Report each line of the listing that carries the word "slicing".

--- DATASET ENTRIES Enclosed Below ---

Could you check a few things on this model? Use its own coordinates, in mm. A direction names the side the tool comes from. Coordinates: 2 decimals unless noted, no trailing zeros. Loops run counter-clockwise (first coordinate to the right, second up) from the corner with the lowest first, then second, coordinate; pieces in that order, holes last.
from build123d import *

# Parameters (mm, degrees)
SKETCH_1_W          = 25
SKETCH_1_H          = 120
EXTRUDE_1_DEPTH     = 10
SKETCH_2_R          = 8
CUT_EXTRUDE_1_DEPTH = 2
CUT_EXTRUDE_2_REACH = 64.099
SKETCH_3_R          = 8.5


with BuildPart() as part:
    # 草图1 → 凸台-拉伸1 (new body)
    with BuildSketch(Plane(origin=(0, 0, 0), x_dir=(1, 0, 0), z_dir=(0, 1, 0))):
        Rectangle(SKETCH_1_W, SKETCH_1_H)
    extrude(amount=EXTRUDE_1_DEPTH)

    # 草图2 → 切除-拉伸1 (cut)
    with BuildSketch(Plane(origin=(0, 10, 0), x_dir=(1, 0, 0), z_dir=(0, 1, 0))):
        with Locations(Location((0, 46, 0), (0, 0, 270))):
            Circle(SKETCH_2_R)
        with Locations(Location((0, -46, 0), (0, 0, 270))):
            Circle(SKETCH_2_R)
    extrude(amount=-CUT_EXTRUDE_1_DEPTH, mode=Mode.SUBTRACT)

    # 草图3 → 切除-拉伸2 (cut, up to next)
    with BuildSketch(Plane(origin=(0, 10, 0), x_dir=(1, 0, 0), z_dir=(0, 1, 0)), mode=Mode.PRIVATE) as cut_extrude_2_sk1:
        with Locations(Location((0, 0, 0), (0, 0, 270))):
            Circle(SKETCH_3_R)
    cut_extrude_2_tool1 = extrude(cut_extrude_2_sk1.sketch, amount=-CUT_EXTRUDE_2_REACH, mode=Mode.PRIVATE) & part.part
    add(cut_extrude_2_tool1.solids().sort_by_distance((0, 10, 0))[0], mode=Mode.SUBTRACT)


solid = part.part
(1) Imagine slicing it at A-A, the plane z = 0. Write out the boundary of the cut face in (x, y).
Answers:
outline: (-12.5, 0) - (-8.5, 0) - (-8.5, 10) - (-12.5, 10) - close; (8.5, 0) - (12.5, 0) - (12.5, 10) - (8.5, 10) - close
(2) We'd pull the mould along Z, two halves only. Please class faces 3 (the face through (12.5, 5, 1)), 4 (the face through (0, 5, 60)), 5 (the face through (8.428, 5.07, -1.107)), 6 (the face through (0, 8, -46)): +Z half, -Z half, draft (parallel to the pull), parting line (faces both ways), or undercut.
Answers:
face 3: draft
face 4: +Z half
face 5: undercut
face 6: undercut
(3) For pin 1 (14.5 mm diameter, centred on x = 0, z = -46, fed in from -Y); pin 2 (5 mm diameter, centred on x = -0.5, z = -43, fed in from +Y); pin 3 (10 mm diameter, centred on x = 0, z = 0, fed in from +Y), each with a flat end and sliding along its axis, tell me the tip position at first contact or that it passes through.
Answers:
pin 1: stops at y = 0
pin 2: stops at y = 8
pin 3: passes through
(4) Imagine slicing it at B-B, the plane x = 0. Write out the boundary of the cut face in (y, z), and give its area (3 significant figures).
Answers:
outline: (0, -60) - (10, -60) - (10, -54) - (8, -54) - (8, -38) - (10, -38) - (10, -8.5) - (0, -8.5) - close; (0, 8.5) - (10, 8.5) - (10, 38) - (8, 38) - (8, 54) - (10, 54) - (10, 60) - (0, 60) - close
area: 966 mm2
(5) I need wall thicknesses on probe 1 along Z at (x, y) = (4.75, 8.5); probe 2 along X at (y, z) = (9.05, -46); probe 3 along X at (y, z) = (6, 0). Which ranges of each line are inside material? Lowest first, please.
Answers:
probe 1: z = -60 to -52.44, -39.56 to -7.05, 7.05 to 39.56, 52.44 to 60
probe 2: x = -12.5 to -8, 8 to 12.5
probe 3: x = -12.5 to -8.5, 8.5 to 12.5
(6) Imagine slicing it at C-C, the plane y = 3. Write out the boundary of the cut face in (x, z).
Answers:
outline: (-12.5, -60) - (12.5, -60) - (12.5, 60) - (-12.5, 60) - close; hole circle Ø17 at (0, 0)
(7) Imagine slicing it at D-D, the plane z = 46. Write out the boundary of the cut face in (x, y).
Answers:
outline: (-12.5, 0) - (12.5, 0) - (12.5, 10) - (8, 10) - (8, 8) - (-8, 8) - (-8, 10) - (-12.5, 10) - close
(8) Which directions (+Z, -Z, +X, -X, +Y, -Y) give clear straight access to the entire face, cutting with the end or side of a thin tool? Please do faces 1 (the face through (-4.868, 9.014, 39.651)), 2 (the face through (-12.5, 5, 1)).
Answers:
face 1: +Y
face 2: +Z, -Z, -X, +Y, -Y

--- End of Enclosed DATASET ENTRIES ---
--- DATASET ENTRIES Enclosed Below ---

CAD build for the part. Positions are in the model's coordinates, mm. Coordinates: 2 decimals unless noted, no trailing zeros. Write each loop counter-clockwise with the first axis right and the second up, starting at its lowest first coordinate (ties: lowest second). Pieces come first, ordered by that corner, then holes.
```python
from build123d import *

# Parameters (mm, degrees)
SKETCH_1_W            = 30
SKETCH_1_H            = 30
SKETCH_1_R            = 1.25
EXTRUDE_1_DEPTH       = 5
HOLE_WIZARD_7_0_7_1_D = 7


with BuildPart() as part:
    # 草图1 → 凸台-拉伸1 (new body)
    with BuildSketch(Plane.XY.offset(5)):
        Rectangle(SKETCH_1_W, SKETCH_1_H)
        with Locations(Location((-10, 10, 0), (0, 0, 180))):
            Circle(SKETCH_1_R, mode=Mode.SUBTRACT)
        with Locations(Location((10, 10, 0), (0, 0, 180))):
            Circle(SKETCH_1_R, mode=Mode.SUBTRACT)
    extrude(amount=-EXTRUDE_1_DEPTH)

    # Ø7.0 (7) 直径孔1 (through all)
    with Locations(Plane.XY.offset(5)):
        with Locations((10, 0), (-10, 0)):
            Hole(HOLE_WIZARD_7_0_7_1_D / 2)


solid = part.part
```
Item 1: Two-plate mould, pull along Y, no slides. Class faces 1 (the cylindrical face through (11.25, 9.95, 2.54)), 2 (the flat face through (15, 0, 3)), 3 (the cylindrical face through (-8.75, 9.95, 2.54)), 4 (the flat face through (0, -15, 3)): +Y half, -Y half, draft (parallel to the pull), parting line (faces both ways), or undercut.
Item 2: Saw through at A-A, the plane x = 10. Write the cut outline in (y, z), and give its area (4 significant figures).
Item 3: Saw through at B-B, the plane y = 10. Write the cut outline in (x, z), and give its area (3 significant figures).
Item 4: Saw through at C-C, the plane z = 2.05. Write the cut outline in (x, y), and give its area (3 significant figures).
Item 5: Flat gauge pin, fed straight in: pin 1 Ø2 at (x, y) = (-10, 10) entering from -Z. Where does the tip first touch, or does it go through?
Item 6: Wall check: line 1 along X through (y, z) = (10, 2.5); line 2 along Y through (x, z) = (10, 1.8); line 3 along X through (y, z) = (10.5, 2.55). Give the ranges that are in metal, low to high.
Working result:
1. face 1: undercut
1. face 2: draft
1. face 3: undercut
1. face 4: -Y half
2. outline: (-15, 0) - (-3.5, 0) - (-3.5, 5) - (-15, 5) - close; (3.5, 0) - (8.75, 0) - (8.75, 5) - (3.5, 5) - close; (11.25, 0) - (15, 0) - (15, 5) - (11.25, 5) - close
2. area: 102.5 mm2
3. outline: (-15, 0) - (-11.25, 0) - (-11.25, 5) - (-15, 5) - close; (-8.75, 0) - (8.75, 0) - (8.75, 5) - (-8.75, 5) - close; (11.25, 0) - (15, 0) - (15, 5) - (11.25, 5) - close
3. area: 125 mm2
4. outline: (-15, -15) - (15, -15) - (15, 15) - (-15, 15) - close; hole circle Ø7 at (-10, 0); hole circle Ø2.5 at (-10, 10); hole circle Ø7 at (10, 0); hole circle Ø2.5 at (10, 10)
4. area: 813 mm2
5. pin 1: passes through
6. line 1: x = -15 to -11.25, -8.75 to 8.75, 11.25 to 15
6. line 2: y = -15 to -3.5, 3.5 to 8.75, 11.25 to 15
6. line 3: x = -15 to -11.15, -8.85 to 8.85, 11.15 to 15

--- End of Enclosed DATASET ENTRIES ---

EXERCISE SOLUTION:
(1) Imagine slicing it at A-A, the plane z = 0. Write out the boundary of the cut face in (x, y).
(4) Imagine slicing it at B-B, the plane x = 0. Write out the boundary of the cut face in (y, z), and give its area (3 significant figures).
(6) Imagine slicing it at C-C, the plane y = 3. Write out the boundary of the cut face in (x, z).
(7) Imagine slicing it at D-D, the plane z = 46. Write out the boundary of the cut face in (x, y).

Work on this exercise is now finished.